Try it = Copy all lines in the data that contain the string "spatial".

Dataset =
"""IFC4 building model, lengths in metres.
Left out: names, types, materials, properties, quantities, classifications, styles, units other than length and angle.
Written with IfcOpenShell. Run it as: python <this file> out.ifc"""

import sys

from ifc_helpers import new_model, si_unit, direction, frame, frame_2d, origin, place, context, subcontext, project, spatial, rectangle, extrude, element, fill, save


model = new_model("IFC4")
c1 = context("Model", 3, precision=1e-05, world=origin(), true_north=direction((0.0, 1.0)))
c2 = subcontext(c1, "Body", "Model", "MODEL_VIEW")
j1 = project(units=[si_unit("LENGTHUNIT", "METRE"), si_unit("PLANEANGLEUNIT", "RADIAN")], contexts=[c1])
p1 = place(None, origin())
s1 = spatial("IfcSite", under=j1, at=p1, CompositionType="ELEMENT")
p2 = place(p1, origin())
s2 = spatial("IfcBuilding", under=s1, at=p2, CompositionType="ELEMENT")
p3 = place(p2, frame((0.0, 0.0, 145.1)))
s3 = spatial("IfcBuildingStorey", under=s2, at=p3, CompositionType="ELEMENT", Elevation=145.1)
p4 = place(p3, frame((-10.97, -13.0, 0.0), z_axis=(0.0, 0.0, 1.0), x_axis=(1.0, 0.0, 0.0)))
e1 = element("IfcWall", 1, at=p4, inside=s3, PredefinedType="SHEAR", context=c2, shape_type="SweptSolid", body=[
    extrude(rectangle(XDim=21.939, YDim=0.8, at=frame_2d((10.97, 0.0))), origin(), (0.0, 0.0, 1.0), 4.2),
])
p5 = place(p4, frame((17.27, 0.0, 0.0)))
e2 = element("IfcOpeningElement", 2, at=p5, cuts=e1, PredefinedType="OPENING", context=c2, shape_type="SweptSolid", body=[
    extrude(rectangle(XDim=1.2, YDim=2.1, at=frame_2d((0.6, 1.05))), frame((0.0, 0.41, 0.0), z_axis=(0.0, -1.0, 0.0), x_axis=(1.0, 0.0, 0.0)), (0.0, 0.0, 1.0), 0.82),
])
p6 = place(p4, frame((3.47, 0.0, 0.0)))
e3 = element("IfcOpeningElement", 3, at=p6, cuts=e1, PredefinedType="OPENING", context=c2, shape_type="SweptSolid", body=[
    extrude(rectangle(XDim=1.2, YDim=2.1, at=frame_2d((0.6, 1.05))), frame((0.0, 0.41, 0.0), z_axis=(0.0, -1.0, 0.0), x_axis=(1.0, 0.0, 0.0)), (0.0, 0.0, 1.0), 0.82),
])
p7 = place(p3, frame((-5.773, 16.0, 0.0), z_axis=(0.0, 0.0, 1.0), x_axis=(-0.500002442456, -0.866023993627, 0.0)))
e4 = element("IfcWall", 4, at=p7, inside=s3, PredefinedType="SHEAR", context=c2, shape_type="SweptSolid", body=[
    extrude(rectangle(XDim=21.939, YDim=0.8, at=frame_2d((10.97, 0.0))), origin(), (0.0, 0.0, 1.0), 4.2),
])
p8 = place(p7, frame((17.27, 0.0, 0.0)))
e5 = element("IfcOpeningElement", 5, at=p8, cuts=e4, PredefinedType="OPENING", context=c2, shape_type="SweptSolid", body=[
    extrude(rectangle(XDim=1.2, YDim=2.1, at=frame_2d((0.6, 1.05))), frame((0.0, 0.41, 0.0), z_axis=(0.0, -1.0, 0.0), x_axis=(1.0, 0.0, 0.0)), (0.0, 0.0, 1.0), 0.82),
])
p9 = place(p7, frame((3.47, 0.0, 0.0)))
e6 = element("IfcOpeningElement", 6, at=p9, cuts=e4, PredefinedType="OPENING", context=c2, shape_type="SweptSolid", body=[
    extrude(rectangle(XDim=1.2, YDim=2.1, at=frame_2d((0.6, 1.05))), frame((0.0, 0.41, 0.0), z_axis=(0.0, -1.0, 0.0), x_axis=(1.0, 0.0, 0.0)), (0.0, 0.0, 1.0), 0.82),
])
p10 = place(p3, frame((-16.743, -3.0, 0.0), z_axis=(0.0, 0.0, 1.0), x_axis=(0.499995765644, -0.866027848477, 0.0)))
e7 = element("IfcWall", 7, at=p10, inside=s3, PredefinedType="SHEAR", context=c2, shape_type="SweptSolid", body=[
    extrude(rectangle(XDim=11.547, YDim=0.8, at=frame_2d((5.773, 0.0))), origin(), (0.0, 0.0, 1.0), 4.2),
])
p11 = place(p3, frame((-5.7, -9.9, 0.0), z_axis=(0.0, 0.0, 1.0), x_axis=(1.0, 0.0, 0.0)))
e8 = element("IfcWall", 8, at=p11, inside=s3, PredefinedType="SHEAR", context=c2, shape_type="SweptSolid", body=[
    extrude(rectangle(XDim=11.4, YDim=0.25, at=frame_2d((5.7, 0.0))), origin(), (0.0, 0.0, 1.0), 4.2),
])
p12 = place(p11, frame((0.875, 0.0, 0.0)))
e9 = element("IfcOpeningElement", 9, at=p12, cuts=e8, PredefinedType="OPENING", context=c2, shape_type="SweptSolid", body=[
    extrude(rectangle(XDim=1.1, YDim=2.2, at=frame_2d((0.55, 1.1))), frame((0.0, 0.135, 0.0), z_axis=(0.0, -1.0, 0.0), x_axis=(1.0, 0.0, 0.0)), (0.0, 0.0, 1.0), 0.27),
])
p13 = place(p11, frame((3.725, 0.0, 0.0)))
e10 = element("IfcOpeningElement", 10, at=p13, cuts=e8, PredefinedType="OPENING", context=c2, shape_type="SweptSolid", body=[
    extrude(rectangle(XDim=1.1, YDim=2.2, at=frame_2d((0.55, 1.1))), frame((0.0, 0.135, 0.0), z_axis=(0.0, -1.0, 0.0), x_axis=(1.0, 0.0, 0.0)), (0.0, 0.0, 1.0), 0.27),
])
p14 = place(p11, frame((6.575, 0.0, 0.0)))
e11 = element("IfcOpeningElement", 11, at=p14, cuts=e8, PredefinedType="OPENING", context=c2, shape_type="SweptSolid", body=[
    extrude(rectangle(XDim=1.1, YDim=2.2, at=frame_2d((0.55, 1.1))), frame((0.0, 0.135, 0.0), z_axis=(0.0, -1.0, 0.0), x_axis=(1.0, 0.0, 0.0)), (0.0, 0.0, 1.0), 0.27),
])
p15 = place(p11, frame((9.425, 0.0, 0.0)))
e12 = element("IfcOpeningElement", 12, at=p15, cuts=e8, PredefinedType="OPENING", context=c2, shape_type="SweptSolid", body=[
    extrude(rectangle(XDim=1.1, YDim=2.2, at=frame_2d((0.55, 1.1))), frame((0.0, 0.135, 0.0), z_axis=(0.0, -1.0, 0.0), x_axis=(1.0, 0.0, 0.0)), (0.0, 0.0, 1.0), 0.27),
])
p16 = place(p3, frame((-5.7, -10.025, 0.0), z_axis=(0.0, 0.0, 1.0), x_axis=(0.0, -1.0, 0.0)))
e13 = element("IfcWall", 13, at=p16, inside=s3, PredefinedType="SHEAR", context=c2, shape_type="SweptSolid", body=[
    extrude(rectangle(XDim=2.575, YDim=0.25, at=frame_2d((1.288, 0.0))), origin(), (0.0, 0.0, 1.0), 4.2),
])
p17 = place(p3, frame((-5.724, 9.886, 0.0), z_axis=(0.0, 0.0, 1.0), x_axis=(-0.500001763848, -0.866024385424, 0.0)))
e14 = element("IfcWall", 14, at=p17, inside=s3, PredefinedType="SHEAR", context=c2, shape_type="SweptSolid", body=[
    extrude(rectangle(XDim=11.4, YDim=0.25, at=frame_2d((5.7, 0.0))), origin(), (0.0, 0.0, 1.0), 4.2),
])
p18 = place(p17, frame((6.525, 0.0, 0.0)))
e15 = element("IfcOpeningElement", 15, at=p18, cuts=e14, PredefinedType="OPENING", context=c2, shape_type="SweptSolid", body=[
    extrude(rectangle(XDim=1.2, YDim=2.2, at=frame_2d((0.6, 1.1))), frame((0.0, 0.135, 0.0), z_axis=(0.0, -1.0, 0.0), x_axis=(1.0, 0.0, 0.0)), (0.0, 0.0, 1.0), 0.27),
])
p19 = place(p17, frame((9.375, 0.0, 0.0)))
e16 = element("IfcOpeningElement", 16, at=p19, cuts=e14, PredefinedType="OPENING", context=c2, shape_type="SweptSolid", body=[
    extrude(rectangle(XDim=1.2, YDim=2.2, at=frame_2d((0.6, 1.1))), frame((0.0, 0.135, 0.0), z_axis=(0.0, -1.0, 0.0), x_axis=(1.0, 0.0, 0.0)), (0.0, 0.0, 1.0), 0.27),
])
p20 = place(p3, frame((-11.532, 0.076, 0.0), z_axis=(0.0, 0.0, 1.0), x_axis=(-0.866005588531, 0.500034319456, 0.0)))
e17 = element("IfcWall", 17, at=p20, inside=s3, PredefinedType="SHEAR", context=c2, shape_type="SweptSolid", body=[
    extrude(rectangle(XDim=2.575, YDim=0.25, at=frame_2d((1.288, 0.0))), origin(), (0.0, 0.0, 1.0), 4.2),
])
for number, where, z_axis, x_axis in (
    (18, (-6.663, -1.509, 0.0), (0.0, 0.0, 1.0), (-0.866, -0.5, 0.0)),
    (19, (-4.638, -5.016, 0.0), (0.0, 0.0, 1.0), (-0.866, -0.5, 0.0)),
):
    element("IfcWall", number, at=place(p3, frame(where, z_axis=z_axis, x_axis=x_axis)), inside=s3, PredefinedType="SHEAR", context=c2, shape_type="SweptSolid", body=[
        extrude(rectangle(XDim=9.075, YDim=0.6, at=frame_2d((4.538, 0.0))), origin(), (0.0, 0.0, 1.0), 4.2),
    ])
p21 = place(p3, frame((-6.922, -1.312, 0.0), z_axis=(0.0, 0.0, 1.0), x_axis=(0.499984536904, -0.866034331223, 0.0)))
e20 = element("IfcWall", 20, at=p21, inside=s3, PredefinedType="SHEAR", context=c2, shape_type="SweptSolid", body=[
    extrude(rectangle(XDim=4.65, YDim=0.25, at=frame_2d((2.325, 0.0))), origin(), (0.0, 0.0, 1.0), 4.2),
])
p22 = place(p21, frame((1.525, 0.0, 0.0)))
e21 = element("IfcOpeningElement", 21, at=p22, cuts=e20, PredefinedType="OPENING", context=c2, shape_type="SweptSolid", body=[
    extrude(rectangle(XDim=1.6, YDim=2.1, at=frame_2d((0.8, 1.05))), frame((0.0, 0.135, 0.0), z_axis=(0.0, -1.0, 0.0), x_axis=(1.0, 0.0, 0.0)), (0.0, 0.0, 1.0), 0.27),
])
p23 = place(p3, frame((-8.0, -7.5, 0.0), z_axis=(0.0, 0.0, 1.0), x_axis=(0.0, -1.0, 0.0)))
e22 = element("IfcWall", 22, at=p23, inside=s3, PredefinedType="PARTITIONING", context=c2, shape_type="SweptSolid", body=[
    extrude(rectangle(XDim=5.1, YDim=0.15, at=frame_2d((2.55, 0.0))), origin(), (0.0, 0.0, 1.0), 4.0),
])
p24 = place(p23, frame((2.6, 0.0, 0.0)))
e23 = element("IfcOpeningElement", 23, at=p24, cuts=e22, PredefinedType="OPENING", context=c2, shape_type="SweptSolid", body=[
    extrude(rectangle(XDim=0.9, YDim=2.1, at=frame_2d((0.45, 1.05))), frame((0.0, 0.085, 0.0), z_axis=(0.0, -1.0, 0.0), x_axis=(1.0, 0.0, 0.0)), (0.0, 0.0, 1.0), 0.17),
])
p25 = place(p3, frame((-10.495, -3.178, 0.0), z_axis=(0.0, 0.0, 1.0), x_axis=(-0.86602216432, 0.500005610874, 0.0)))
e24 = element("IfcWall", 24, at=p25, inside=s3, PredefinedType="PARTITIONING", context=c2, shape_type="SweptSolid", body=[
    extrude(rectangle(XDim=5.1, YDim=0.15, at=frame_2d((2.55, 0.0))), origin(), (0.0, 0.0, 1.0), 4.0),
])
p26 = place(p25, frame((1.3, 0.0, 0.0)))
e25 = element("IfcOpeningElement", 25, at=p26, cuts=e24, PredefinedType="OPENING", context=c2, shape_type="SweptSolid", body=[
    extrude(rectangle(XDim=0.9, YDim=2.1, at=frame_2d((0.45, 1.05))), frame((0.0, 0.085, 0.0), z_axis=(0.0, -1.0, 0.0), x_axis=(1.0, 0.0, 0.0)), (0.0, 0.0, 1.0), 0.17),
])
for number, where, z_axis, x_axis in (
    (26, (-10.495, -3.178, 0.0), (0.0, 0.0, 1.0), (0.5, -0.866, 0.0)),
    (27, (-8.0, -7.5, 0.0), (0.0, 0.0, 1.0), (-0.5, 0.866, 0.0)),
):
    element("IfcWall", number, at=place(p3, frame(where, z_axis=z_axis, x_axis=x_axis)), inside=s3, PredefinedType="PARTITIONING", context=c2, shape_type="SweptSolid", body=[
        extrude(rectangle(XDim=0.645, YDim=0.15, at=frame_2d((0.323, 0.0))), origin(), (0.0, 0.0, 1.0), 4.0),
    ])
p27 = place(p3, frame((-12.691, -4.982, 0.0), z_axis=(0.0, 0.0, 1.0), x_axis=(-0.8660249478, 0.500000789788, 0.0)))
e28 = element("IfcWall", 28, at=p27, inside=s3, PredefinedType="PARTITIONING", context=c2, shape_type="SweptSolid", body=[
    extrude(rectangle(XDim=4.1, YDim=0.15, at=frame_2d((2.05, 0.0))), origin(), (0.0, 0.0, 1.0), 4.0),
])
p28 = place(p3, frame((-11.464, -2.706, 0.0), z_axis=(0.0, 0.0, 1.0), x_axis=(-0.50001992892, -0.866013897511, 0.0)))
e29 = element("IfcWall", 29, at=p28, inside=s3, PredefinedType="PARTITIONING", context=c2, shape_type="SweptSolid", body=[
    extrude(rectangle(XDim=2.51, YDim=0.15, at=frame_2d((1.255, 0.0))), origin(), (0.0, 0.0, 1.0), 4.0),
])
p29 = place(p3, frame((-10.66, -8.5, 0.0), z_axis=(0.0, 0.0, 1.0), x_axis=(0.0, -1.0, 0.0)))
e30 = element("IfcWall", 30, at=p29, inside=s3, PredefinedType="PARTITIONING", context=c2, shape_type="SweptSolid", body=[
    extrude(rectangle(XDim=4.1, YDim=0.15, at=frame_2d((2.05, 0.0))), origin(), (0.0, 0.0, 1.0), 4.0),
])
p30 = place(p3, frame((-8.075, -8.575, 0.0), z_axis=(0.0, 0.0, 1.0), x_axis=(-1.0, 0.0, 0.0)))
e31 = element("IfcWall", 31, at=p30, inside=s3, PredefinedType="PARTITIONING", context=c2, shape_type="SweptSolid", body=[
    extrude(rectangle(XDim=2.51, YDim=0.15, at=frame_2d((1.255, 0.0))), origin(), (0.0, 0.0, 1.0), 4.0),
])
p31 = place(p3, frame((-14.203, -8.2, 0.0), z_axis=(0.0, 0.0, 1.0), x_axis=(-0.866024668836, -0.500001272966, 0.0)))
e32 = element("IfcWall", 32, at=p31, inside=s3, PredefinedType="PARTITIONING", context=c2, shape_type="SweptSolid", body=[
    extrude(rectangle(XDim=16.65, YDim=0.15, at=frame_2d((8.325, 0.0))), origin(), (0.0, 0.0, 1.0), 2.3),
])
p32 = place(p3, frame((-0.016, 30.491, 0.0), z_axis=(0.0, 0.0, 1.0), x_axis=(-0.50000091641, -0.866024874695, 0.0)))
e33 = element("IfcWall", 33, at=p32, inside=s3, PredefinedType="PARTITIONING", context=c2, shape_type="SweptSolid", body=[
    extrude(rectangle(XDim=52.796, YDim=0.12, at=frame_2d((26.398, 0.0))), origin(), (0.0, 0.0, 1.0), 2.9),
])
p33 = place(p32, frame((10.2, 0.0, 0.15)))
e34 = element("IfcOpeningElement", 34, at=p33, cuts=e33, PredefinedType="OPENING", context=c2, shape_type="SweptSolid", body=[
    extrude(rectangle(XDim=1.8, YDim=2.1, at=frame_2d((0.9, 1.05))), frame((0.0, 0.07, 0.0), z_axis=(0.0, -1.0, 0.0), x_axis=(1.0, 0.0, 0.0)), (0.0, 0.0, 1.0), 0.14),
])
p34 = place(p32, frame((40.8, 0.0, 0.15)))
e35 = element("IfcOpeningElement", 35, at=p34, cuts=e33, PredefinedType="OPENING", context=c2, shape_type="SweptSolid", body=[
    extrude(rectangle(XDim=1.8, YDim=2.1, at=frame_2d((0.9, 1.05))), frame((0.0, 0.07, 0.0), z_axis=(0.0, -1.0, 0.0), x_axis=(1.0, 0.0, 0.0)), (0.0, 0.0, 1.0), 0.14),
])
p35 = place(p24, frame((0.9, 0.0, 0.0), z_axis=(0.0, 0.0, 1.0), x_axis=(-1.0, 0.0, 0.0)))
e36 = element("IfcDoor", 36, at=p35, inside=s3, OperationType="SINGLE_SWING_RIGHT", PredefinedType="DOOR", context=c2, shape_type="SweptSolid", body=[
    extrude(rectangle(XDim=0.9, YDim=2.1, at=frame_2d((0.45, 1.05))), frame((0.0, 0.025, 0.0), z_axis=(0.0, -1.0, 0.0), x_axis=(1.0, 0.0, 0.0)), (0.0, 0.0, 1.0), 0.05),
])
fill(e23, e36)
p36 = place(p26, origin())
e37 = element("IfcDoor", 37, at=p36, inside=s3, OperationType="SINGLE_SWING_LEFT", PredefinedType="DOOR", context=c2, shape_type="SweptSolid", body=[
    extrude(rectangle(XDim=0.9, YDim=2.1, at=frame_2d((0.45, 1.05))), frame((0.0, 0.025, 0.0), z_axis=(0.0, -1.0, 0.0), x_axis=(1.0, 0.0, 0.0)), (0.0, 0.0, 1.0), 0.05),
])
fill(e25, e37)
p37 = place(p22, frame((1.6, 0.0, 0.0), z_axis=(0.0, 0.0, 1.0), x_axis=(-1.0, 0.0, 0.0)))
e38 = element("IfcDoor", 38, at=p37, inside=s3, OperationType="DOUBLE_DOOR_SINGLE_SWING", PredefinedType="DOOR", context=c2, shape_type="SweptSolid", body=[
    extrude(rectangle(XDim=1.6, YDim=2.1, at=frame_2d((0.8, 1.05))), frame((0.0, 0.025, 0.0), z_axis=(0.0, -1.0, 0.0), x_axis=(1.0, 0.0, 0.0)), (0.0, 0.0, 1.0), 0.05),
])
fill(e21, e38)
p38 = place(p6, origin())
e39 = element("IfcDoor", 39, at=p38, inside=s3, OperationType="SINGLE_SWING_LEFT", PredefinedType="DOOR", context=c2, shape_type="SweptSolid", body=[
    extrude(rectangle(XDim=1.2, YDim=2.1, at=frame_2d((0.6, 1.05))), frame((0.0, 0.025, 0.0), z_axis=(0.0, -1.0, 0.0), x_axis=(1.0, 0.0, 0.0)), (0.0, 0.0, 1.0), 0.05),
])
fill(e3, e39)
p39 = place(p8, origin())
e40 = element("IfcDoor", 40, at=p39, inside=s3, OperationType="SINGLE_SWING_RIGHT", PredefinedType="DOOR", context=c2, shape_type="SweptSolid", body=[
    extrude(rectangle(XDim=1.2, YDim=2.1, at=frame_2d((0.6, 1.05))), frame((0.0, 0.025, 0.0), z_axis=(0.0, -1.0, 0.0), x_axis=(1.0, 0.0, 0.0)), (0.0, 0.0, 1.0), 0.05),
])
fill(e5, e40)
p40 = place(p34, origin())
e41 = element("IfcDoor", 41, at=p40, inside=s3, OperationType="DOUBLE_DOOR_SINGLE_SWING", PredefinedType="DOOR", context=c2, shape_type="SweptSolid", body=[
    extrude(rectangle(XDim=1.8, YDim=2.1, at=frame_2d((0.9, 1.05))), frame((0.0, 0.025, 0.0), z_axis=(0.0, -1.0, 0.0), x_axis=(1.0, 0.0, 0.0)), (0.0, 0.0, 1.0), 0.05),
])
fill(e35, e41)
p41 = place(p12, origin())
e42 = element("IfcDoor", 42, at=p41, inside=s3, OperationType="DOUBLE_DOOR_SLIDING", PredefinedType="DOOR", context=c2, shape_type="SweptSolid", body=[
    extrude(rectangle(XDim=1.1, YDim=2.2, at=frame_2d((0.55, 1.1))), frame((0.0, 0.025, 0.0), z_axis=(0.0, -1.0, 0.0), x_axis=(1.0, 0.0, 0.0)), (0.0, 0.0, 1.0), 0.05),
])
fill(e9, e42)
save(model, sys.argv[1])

Response to the task =
from ifc_helpers import new_model, si_unit, direction, frame, frame_2d, origin, place, context, subcontext, project, spatial, rectangle, extrude, element, fill, save
s1 = spatial("IfcSite", under=j1, at=p1, CompositionType="ELEMENT")
s2 = spatial("IfcBuilding", under=s1, at=p2, CompositionType="ELEMENT")
s3 = spatial("IfcBuildingStorey", under=s2, at=p3, CompositionType="ELEMENT", Elevation=145.1)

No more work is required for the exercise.